▶ _Supplied entries_

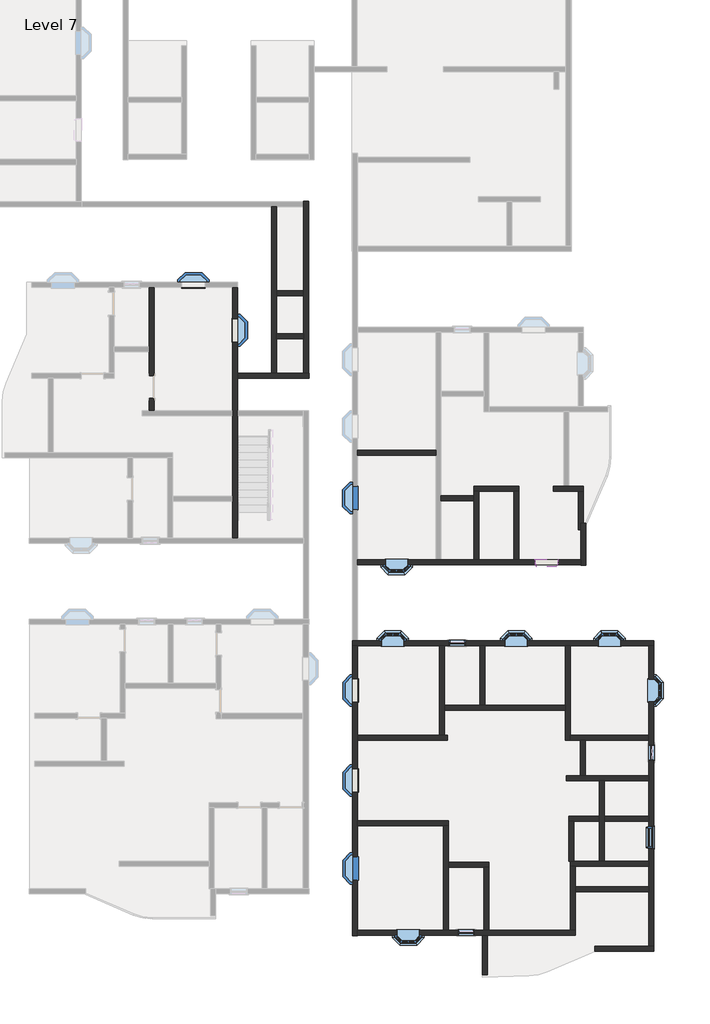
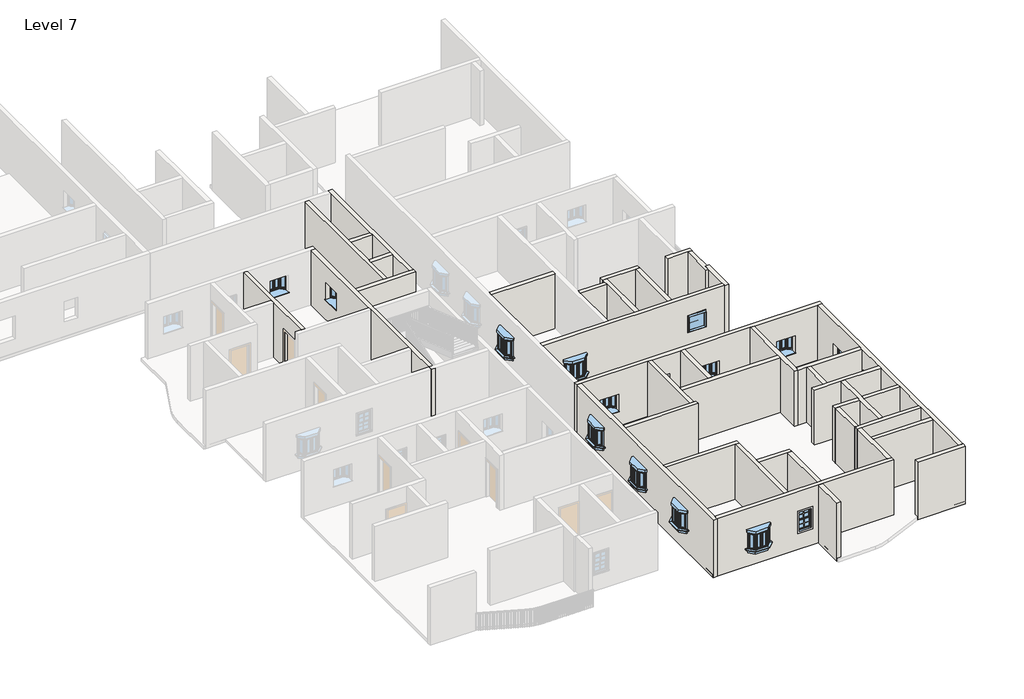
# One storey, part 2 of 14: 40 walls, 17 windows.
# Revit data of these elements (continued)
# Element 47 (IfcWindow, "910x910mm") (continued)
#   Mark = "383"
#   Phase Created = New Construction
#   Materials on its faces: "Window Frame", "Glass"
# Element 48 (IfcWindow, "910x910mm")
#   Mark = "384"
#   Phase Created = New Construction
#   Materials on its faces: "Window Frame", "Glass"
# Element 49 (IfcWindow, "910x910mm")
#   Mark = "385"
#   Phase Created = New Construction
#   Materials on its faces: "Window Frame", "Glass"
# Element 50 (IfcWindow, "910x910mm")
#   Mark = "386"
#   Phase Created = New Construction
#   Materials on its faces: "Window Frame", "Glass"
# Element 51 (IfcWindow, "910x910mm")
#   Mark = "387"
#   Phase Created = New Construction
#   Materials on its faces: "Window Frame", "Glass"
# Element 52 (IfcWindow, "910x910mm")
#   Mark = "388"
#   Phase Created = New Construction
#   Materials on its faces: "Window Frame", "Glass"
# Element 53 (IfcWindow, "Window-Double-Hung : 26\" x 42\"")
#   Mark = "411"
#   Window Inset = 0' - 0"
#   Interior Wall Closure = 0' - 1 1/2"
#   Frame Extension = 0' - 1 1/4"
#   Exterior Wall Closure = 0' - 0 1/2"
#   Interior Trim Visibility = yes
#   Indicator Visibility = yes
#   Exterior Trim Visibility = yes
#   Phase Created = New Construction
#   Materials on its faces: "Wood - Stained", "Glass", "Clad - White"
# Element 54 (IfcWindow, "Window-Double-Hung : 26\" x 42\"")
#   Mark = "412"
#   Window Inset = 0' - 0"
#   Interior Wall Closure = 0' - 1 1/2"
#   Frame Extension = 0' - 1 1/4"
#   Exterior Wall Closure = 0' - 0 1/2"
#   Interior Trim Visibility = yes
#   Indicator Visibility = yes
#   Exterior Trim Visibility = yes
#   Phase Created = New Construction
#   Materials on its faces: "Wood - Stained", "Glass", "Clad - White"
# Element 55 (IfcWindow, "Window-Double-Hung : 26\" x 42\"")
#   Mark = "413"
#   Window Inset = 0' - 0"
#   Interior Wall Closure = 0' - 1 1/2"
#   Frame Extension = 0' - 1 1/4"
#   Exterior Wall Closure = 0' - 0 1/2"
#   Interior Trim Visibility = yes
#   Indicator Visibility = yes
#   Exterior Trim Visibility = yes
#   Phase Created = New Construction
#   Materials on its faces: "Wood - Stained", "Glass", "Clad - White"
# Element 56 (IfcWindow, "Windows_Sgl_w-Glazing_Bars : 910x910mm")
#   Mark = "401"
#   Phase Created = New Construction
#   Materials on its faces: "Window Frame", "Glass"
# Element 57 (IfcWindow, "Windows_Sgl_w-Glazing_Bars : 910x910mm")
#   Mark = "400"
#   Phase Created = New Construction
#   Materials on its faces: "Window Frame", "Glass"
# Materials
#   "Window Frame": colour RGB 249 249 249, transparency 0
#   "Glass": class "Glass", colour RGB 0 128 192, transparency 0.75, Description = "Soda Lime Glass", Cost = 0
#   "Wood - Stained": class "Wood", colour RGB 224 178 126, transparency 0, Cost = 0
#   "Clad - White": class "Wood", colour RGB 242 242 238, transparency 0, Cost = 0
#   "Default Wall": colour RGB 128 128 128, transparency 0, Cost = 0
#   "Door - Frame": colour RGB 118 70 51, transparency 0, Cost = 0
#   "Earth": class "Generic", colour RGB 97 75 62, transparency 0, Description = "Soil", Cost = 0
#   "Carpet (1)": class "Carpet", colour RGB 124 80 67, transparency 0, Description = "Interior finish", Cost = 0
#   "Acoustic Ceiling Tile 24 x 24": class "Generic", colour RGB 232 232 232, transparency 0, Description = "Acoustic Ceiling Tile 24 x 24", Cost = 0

▶ _Required work_
Everything in the data above should be set down again exactly, except the pictures.

▶ _Solution to this exercise_
# One storey, part 2 of 14: 40 walls, 17 windows.
# Revit data of these elements (continued)
# Element 47 (IfcWindow, "910x910mm") (continued)
#   Mark = "383"
#   Phase Created = New Construction
#   Materials on its faces: "Window Frame", "Glass"
# Element 48 (IfcWindow, "910x910mm")
#   Mark = "384"
#   Phase Created = New Construction
#   Materials on its faces: "Window Frame", "Glass"
# Element 49 (IfcWindow, "910x910mm")
#   Mark = "385"
#   Phase Created = New Construction
#   Materials on its faces: "Window Frame", "Glass"
# Element 50 (IfcWindow, "910x910mm")
#   Mark = "386"
#   Phase Created = New Construction
#   Materials on its faces: "Window Frame", "Glass"
# Element 51 (IfcWindow, "910x910mm")
#   Mark = "387"
#   Phase Created = New Construction
#   Materials on its faces: "Window Frame", "Glass"
# Element 52 (IfcWindow, "910x910mm")
#   Mark = "388"
#   Phase Created = New Construction
#   Materials on its faces: "Window Frame", "Glass"
# Element 53 (IfcWindow, "Window-Double-Hung : 26\" x 42\"")
#   Mark = "411"
#   Window Inset = 0' - 0"
#   Interior Wall Closure = 0' - 1 1/2"
#   Frame Extension = 0' - 1 1/4"
#   Exterior Wall Closure = 0' - 0 1/2"
#   Interior Trim Visibility = yes
#   Indicator Visibility = yes
#   Exterior Trim Visibility = yes
#   Phase Created = New Construction
#   Materials on its faces: "Wood - Stained", "Glass", "Clad - White"
# Element 54 (IfcWindow, "Window-Double-Hung : 26\" x 42\"")
#   Mark = "412"
#   Window Inset = 0' - 0"
#   Interior Wall Closure = 0' - 1 1/2"
#   Frame Extension = 0' - 1 1/4"
#   Exterior Wall Closure = 0' - 0 1/2"
#   Interior Trim Visibility = yes
#   Indicator Visibility = yes
#   Exterior Trim Visibility = yes
#   Phase Created = New Construction
#   Materials on its faces: "Wood - Stained", "Glass", "Clad - White"
# Element 55 (IfcWindow, "Window-Double-Hung : 26\" x 42\"")
#   Mark = "413"
#   Window Inset = 0' - 0"
#   Interior Wall Closure = 0' - 1 1/2"
#   Frame Extension = 0' - 1 1/4"
#   Exterior Wall Closure = 0' - 0 1/2"
#   Interior Trim Visibility = yes
#   Indicator Visibility = yes
#   Exterior Trim Visibility = yes
#   Phase Created = New Construction
#   Materials on its faces: "Wood - Stained", "Glass", "Clad - White"
# Element 56 (IfcWindow, "Windows_Sgl_w-Glazing_Bars : 910x910mm")
#   Mark = "401"
#   Phase Created = New Construction
#   Materials on its faces: "Window Frame", "Glass"
# Element 57 (IfcWindow, "Windows_Sgl_w-Glazing_Bars : 910x910mm")
#   Mark = "400"
#   Phase Created = New Construction
#   Materials on its faces: "Window Frame", "Glass"
# Materials
#   "Window Frame": colour RGB 249 249 249, transparency 0
#   "Glass": class "Glass", colour RGB 0 128 192, transparency 0.75, Description = "Soda Lime Glass", Cost = 0
#   "Wood - Stained": class "Wood", colour RGB 224 178 126, transparency 0, Cost = 0
#   "Clad - White": class "Wood", colour RGB 242 242 238, transparency 0, Cost = 0
#   "Default Wall": colour RGB 128 128 128, transparency 0, Cost = 0
#   "Door - Frame": colour RGB 118 70 51, transparency 0, Cost = 0
#   "Earth": class "Generic", colour RGB 97 75 62, transparency 0, Description = "Soil", Cost = 0
#   "Carpet (1)": class "Carpet", colour RGB 124 80 67, transparency 0, Description = "Interior finish", Cost = 0
#   "Acoustic Ceiling Tile 24 x 24": class "Generic", colour RGB 232 232 232, transparency 0, Description = "Acoustic Ceiling Tile 24 x 24", Cost = 0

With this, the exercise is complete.